#### What is needed
Your task is to copy each line in the listing that includes the word "IfcOpeningElement".

#### Extracted entries

>>>>

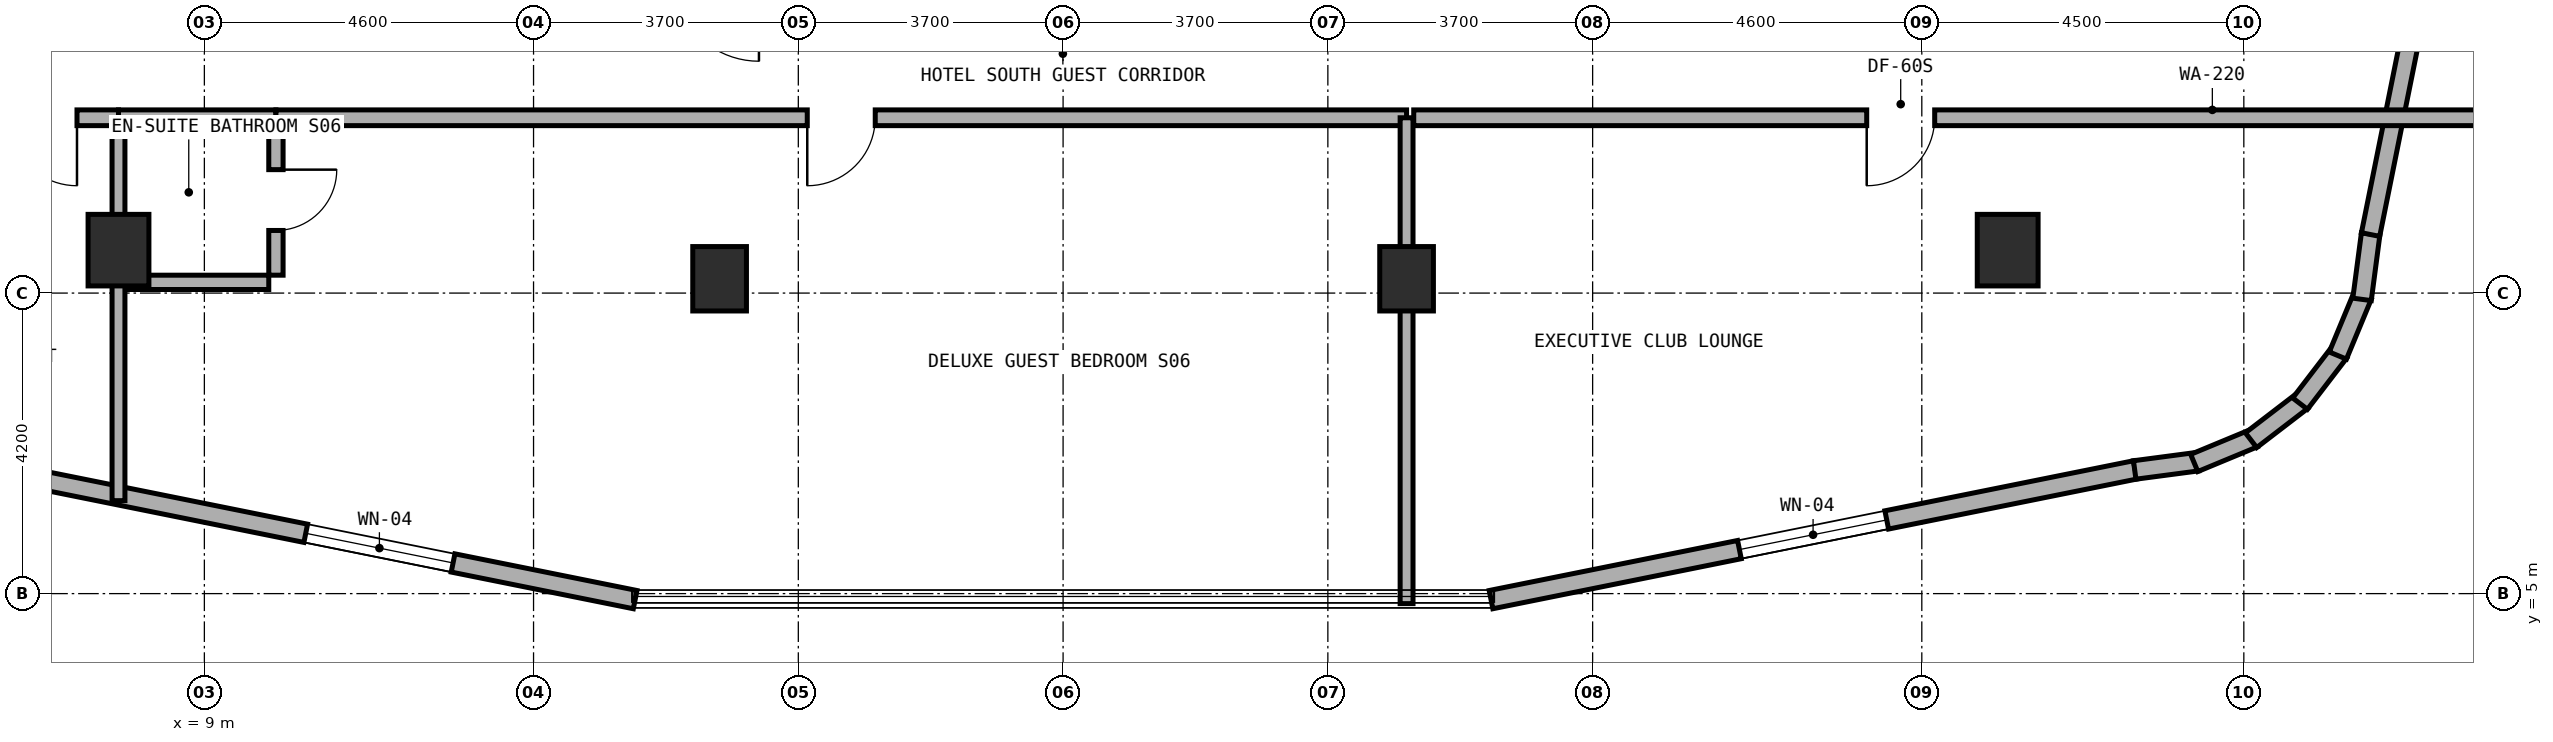
"""IFC4 building model, lengths in metres.
Left out: names, types, materials, properties, quantities, classifications, styles, units other than length and angle.
Written with IfcOpenShell. Run it as: python <this file> out.ifc"""

import sys

from ifc_helpers import new_model, si_unit, direction, frame, frame_2d, origin, origin_2d, place, context, subcontext, project, spatial, rectangle, extrude, element, fill, save


model = new_model("IFC4")
c1 = context("Model", 3, precision=1e-05, world=origin(), true_north=direction((0.0, 1.0)))
c2 = subcontext(c1, "Body", "Model", "MODEL_VIEW")
j1 = project(units=[si_unit("LENGTHUNIT", "METRE"), si_unit("PLANEANGLEUNIT", "RADIAN")], contexts=[c1])
p1 = place(None, origin())
s1 = spatial("IfcSite", under=j1, at=p1, CompositionType="ELEMENT")
p2 = place(p1, origin())
s2 = spatial("IfcBuilding", under=s1, at=p2, CompositionType="ELEMENT")
p3 = place(p2, frame((0.0, 0.0, 152.0)))
s3 = spatial("IfcBuildingStorey", under=s2, at=p3, CompositionType="ELEMENT", Elevation=152.0)
for number, where, z_axis, x_axis in (
    (1, (16.2, 9.4, 0.0), (0.0, 0.0, 1.0), (1.0, 0.0, 0.0)),
    (2, (25.8, 9.4, 0.0), (0.0, 0.0, 1.0), (1.0, 0.0, 0.0)),
):
    element("IfcColumn", number, at=place(p3, frame(where, z_axis=z_axis, x_axis=x_axis)), inside=s3, PredefinedType="COLUMN", context=c2, shape_type="SweptSolid", body=[
        extrude(rectangle(XDim=0.75, YDim=0.9, at=origin_2d()), origin(), (0.0, 0.0, 1.0), 3.5),
    ])
for number, where, z_axis, x_axis in (
    (3, (7.8, 9.8, 0.0), (0.0, 0.0, 1.0), (1.0, 0.0, 0.0)),
    (4, (34.2, 9.8, 0.0), (0.0, 0.0, 1.0), (1.0, 0.0, 0.0)),
):
    element("IfcColumn", number, at=place(p3, frame(where, z_axis=z_axis, x_axis=x_axis)), inside=s3, PredefinedType="COLUMN", context=c2, shape_type="SweptSolid", body=[
        extrude(rectangle(XDim=0.85, YDim=1.0, at=origin_2d()), origin(), (0.0, 0.0, 1.0), 3.5),
    ])
p4 = place(p3, frame((6.018, 6.729, 0.0), z_axis=(0.0, 0.0, 1.0), x_axis=(0.980315963543, -0.197435082048, 0.0)))
e5 = element("IfcWall", 5, at=p4, inside=s3, PredefinedType="STANDARD", context=c2, shape_type="SweptSolid", body=[
    extrude(rectangle(XDim=9.183, YDim=0.26, at=frame_2d((4.591, 0.0))), origin(), (0.0, 0.0, 1.0), 3.22),
])
p5 = place(p4, frame((4.487, 0.0, 0.85)))
e6 = element("IfcOpeningElement", 6, at=p5, cuts=e5, PredefinedType="OPENING", context=c2, shape_type="SweptSolid", body=[
    extrude(rectangle(XDim=2.1, YDim=1.5, at=frame_2d((1.05, 0.75))), frame((0.0, 0.14, 0.0), z_axis=(0.0, -1.0, 0.0), x_axis=(1.0, 0.0, 0.0)), (0.0, 0.0, 1.0), 0.28),
])
p6 = place(p3, frame((26.98, 4.916, 0.0), z_axis=(0.0, 0.0, 1.0), x_axis=(0.980315963543, 0.197435082048, 0.0)))
e7 = element("IfcWall", 7, at=p6, inside=s3, PredefinedType="STANDARD", context=c2, shape_type="SweptSolid", body=[
    extrude(rectangle(XDim=9.183, YDim=0.26, at=frame_2d((4.591, 0.0))), origin(), (0.0, 0.0, 1.0), 3.22),
])
p7 = place(p6, frame((3.541, 0.0, 0.85)))
e8 = element("IfcOpeningElement", 8, at=p7, cuts=e7, PredefinedType="OPENING", context=c2, shape_type="SweptSolid", body=[
    extrude(rectangle(XDim=2.1, YDim=1.5, at=frame_2d((1.05, 0.75))), frame((0.0, 0.14, 0.0), z_axis=(0.0, -1.0, 0.0), x_axis=(1.0, 0.0, 0.0)), (0.0, 0.0, 1.0), 0.28),
])
p8 = place(p3, frame((35.975, 6.728, 0.0), z_axis=(0.0, 0.0, 1.0), x_axis=(0.991388484223, 0.130953706898, 0.0)))
e9 = element("IfcWall", 9, at=p8, inside=s3, PredefinedType="STANDARD", context=c2, shape_type="SweptSolid", body=[
    extrude(rectangle(XDim=0.885, YDim=0.26, at=frame_2d((0.443, 0.0))), origin(), (0.0, 0.0, 1.0), 3.22),
])
p9 = place(p3, frame((36.807, 6.826, 0.0), z_axis=(0.0, 0.0, 1.0), x_axis=(0.923627776508, 0.383290660547, 0.0)))
e10 = element("IfcWall", 10, at=p9, inside=s3, PredefinedType="STANDARD", context=c2, shape_type="SweptSolid", body=[
    extrude(rectangle(XDim=0.903, YDim=0.26, at=frame_2d((0.452, 0.0))), origin(), (0.0, 0.0, 1.0), 3.22),
])
p10 = place(p3, frame((37.601, 7.144, 0.0), z_axis=(0.0, 0.0, 1.0), x_axis=(0.793458244748, 0.608624690463, 0.0)))
e11 = element("IfcWall", 11, at=p10, inside=s3, PredefinedType="STANDARD", context=c2, shape_type="SweptSolid", body=[
    extrude(rectangle(XDim=0.902, YDim=0.26, at=frame_2d((0.451, 0.0))), origin(), (0.0, 0.0, 1.0), 3.22),
])
p11 = place(p3, frame((38.286, 7.655, 0.0), z_axis=(0.0, 0.0, 1.0), x_axis=(0.608494022858, 0.793558456666, 0.0)))
e12 = element("IfcWall", 12, at=p11, inside=s3, PredefinedType="STANDARD", context=c2, shape_type="SweptSolid", body=[
    extrude(rectangle(XDim=0.902, YDim=0.26, at=frame_2d((0.451, 0.0))), origin(), (0.0, 0.0, 1.0), 3.22),
])
p12 = place(p3, frame((38.814, 8.327, 0.0), z_axis=(0.0, 0.0, 1.0), x_axis=(0.383155708213, 0.923683767999, 0.0)))
e13 = element("IfcWall", 13, at=p12, inside=s3, PredefinedType="STANDARD", context=c2, shape_type="SweptSolid", body=[
    extrude(rectangle(XDim=0.903, YDim=0.26, at=frame_2d((0.451, 0.0))), origin(), (0.0, 0.0, 1.0), 3.22),
])
p13 = place(p3, frame((39.152, 9.112, 0.0), z_axis=(0.0, 0.0, 1.0), x_axis=(0.130200706103, 0.991487658083, 0.0)))
e14 = element("IfcWall", 14, at=p13, inside=s3, PredefinedType="STANDARD", context=c2, shape_type="SweptSolid", body=[
    extrude(rectangle(XDim=0.921, YDim=0.26, at=frame_2d((0.46, 0.0))), origin(), (0.0, 0.0, 1.0), 3.22),
])
p14 = place(p3, frame((39.271, 10.018, 0.0), z_axis=(0.0, 0.0, 1.0), x_axis=(0.197435082048, 0.980315963543, 0.0)))
e15 = element("IfcWall", 15, at=p14, inside=s3, PredefinedType="STANDARD", context=c2, shape_type="SweptSolid", body=[
    extrude(rectangle(XDim=9.183, YDim=0.26, at=frame_2d((4.591, 0.0))), origin(), (0.0, 0.0, 1.0), 3.22),
])
p15 = place(p14, frame((5.349, 0.0, 0.85)))
e16 = element("IfcOpeningElement", 16, at=p15, cuts=e15, PredefinedType="OPENING", context=c2, shape_type="SweptSolid", body=[
    extrude(rectangle(XDim=2.1, YDim=1.5, at=frame_2d((1.05, 0.75))), frame((0.0, 0.14, 0.0), z_axis=(0.0, -1.0, 0.0), x_axis=(1.0, 0.0, 0.0)), (0.0, 0.0, 1.0), 0.28),
])
p16 = place(p3, frame((5.55, 11.65, 0.0), z_axis=(0.0, 0.0, 1.0), x_axis=(1.0, 0.0, 0.0)))
e17 = element("IfcWall", 17, at=p16, inside=s3, PredefinedType="SOLIDWALL", context=c2, shape_type="SweptSolid", body=[
    extrude(rectangle(XDim=2.25, YDim=0.22, at=frame_2d((1.125, 0.0))), origin(), (0.0, 0.0, 1.0), 2.795),
])
p17 = place(p16, frame((0.72, 0.0, 0.0)))
e18 = element("IfcOpeningElement", 18, at=p17, cuts=e17, PredefinedType="OPENING", context=c2, shape_type="SweptSolid", body=[
    extrude(rectangle(XDim=0.95, YDim=2.1, at=frame_2d((0.475, 1.05))), frame((0.0, 0.12, 0.0), z_axis=(0.0, -1.0, 0.0), x_axis=(1.0, 0.0, 0.0)), (0.0, 0.0, 1.0), 0.24),
])
p18 = place(p3, frame((7.8, 6.299, 0.0), z_axis=(0.0, 0.0, 1.0), x_axis=(0.0, 1.0, 0.0)))
e19 = element("IfcWall", 19, at=p18, inside=s3, PredefinedType="SOLIDWALL", context=c2, shape_type="SweptSolid", body=[
    extrude(rectangle(XDim=5.351, YDim=0.18, at=frame_2d((2.675, 0.0))), origin(), (0.0, 0.0, 1.0), 2.795),
])
p19 = place(p3, frame((10.0, 9.45, 0.0), z_axis=(0.0, 0.0, 1.0), x_axis=(0.0, 1.0, 0.0)))
e20 = element("IfcWall", 20, at=p19, inside=s3, PredefinedType="PLUMBINGWALL", context=c2, shape_type="SweptSolid", body=[
    extrude(rectangle(XDim=2.1, YDim=0.2, at=frame_2d((1.05, 0.0))), origin(), (0.0, 0.0, 1.0), 2.745),
])
p20 = place(p19, frame((0.625, 0.0, 0.0)))
e21 = element("IfcOpeningElement", 21, at=p20, cuts=e20, PredefinedType="OPENING", context=c2, shape_type="SweptSolid", body=[
    extrude(rectangle(XDim=0.85, YDim=2.1, at=frame_2d((0.425, 1.05))), frame((0.0, 0.11, 0.0), z_axis=(0.0, -1.0, 0.0), x_axis=(1.0, 0.0, 0.0)), (0.0, 0.0, 1.0), 0.22),
])
p21 = place(p3, frame((7.9, 9.35, 0.0), z_axis=(0.0, 0.0, 1.0), x_axis=(1.0, 0.0, 0.0)))
e22 = element("IfcWall", 22, at=p21, inside=s3, PredefinedType="PLUMBINGWALL", context=c2, shape_type="SweptSolid", body=[
    extrude(rectangle(XDim=2.0, YDim=0.2, at=frame_2d((1.0, 0.0))), origin(), (0.0, 0.0, 1.0), 3.22),
])
p22 = place(p3, frame((7.8, 11.65, 0.0), z_axis=(0.0, 0.0, 1.0), x_axis=(1.0, 0.0, 0.0)))
e23 = element("IfcWall", 23, at=p22, inside=s3, PredefinedType="SOLIDWALL", context=c2, shape_type="SweptSolid", body=[
    extrude(rectangle(XDim=2.2, YDim=0.22, at=frame_2d((1.1, 0.0))), origin(), (0.0, 0.0, 1.0), 2.795),
])
p23 = place(p3, frame((10.0, 11.65, 0.0), z_axis=(0.0, 0.0, 1.0), x_axis=(1.0, 0.0, 0.0)))
e24 = element("IfcWall", 24, at=p23, inside=s3, PredefinedType="SOLIDWALL", context=c2, shape_type="SweptSolid", body=[
    extrude(rectangle(XDim=15.8, YDim=0.22, at=frame_2d((7.9, 0.0))), origin(), (0.0, 0.0, 1.0), 2.795),
])
p24 = place(p23, frame((7.425, 0.0, 0.0)))
e25 = element("IfcOpeningElement", 25, at=p24, cuts=e24, PredefinedType="OPENING", context=c2, shape_type="SweptSolid", body=[
    extrude(rectangle(XDim=0.95, YDim=2.1, at=frame_2d((0.475, 1.05))), frame((0.0, 0.12, 0.0), z_axis=(0.0, -1.0, 0.0), x_axis=(1.0, 0.0, 0.0)), (0.0, 0.0, 1.0), 0.24),
])
p25 = place(p3, frame((25.8, 4.86, 0.0), z_axis=(0.0, 0.0, 1.0), x_axis=(0.0, 1.0, 0.0)))
e26 = element("IfcWall", 26, at=p25, inside=s3, PredefinedType="SOLIDWALL", context=c2, shape_type="SweptSolid", body=[
    extrude(rectangle(XDim=6.79, YDim=0.18, at=frame_2d((3.395, 0.0))), origin(), (0.0, 0.0, 1.0), 2.795),
])
p26 = place(p3, frame((25.9, 11.65, 0.0), z_axis=(0.0, 0.0, 1.0), x_axis=(1.0, 0.0, 0.0)))
e27 = element("IfcWall", 27, at=p26, inside=s3, PredefinedType="SOLIDWALL", context=c2, shape_type="SweptSolid", body=[
    extrude(rectangle(XDim=15.04, YDim=0.22, at=frame_2d((7.52, 0.0))), origin(), (0.0, 0.0, 1.0), 2.795),
])
p27 = place(p26, frame((6.33, 0.0, 0.0)))
e28 = element("IfcOpeningElement", 28, at=p27, cuts=e27, PredefinedType="OPENING", context=c2, shape_type="SweptSolid", body=[
    extrude(rectangle(XDim=0.95, YDim=2.1, at=frame_2d((0.475, 1.05))), frame((0.0, 0.12, 0.0), z_axis=(0.0, -1.0, 0.0), x_axis=(1.0, 0.0, 0.0)), (0.0, 0.0, 1.0), 0.24),
])
p28 = place(p5, origin())
e29 = element("IfcWindow", 29, at=p28, inside=s3, PartitioningType="SINGLE_PANEL", PredefinedType="WINDOW", context=c2, shape_type="SweptSolid", body=[
    extrude(rectangle(XDim=2.1, YDim=1.5, at=frame_2d((1.05, 0.75))), frame((0.0, 0.03, 0.0), z_axis=(0.0, -1.0, 0.0), x_axis=(1.0, 0.0, 0.0)), (0.0, 0.0, 1.0), 0.06),
])
fill(e6, e29)
p29 = place(p7, origin())
e30 = element("IfcWindow", 30, at=p29, inside=s3, PartitioningType="SINGLE_PANEL", PredefinedType="WINDOW", context=c2, shape_type="SweptSolid", body=[
    extrude(rectangle(XDim=2.1, YDim=1.5, at=frame_2d((1.05, 0.75))), frame((0.0, 0.03, 0.0), z_axis=(0.0, -1.0, 0.0), x_axis=(1.0, 0.0, 0.0)), (0.0, 0.0, 1.0), 0.06),
])
fill(e8, e30)
p30 = place(p17, frame((0.95, 0.0, 0.0), z_axis=(0.0, 0.0, 1.0), x_axis=(-1.0, 0.0, 0.0)))
e31 = element("IfcDoor", 31, at=p30, inside=s3, OperationType="SINGLE_SWING_LEFT", PredefinedType="DOOR", context=c2, shape_type="SweptSolid", body=[
    extrude(rectangle(XDim=0.95, YDim=2.1, at=frame_2d((0.475, 1.05))), frame((0.0, 0.025, 0.0), z_axis=(0.0, -1.0, 0.0), x_axis=(1.0, 0.0, 0.0)), (0.0, 0.0, 1.0), 0.05),
])
fill(e18, e31)
p31 = place(p20, frame((0.85, 0.0, 0.0), z_axis=(0.0, 0.0, 1.0), x_axis=(-1.0, 0.0, 0.0)))
e32 = element("IfcDoor", 32, at=p31, inside=s3, OperationType="SINGLE_SWING_LEFT", PredefinedType="DOOR", context=c2, shape_type="SweptSolid", body=[
    extrude(rectangle(XDim=0.85, YDim=2.1, at=frame_2d((0.425, 1.05))), frame((0.0, 0.025, 0.0), z_axis=(0.0, -1.0, 0.0), x_axis=(1.0, 0.0, 0.0)), (0.0, 0.0, 1.0), 0.05),
])
fill(e21, e32)
p32 = place(p24, frame((0.95, 0.0, 0.0), z_axis=(0.0, 0.0, 1.0), x_axis=(-1.0, 0.0, 0.0)))
e33 = element("IfcDoor", 33, at=p32, inside=s3, OperationType="SINGLE_SWING_RIGHT", PredefinedType="DOOR", context=c2, shape_type="SweptSolid", body=[
    extrude(rectangle(XDim=0.95, YDim=2.1, at=frame_2d((0.475, 1.05))), frame((0.0, 0.025, 0.0), z_axis=(0.0, -1.0, 0.0), x_axis=(1.0, 0.0, 0.0)), (0.0, 0.0, 1.0), 0.05),
])
fill(e25, e33)
p33 = place(p27, frame((0.95, 0.0, 0.0), z_axis=(0.0, 0.0, 1.0), x_axis=(-1.0, 0.0, 0.0)))
e34 = element("IfcDoor", 34, at=p33, inside=s3, OperationType="SINGLE_SWING_RIGHT", PredefinedType="DOOR", context=c2, shape_type="SweptSolid", body=[
    extrude(rectangle(XDim=0.95, YDim=2.1, at=frame_2d((0.475, 1.05))), frame((0.0, 0.025, 0.0), z_axis=(0.0, -1.0, 0.0), x_axis=(1.0, 0.0, 0.0)), (0.0, 0.0, 1.0), 0.05),
])
fill(e28, e34)
save(model, sys.argv[1])

<<<<

#### Output of the task
e6 = element("IfcOpeningElement", 6, at=p5, cuts=e5, PredefinedType="OPENING", context=c2, shape_type="SweptSolid", body=[
e8 = element("IfcOpeningElement", 8, at=p7, cuts=e7, PredefinedType="OPENING", context=c2, shape_type="SweptSolid", body=[
e16 = element("IfcOpeningElement", 16, at=p15, cuts=e15, PredefinedType="OPENING", context=c2, shape_type="SweptSolid", body=[
e18 = element("IfcOpeningElement", 18, at=p17, cuts=e17, PredefinedType="OPENING", context=c2, shape_type="SweptSolid", body=[
e21 = element("IfcOpeningElement", 21, at=p20, cuts=e20, PredefinedType="OPENING", context=c2, shape_type="SweptSolid", body=[
e25 = element("IfcOpeningElement", 25, at=p24, cuts=e24, PredefinedType="OPENING", context=c2, shape_type="SweptSolid", body=[
e28 = element("IfcOpeningElement", 28, at=p27, cuts=e27, PredefinedType="OPENING", context=c2, shape_type="SweptSolid", body=[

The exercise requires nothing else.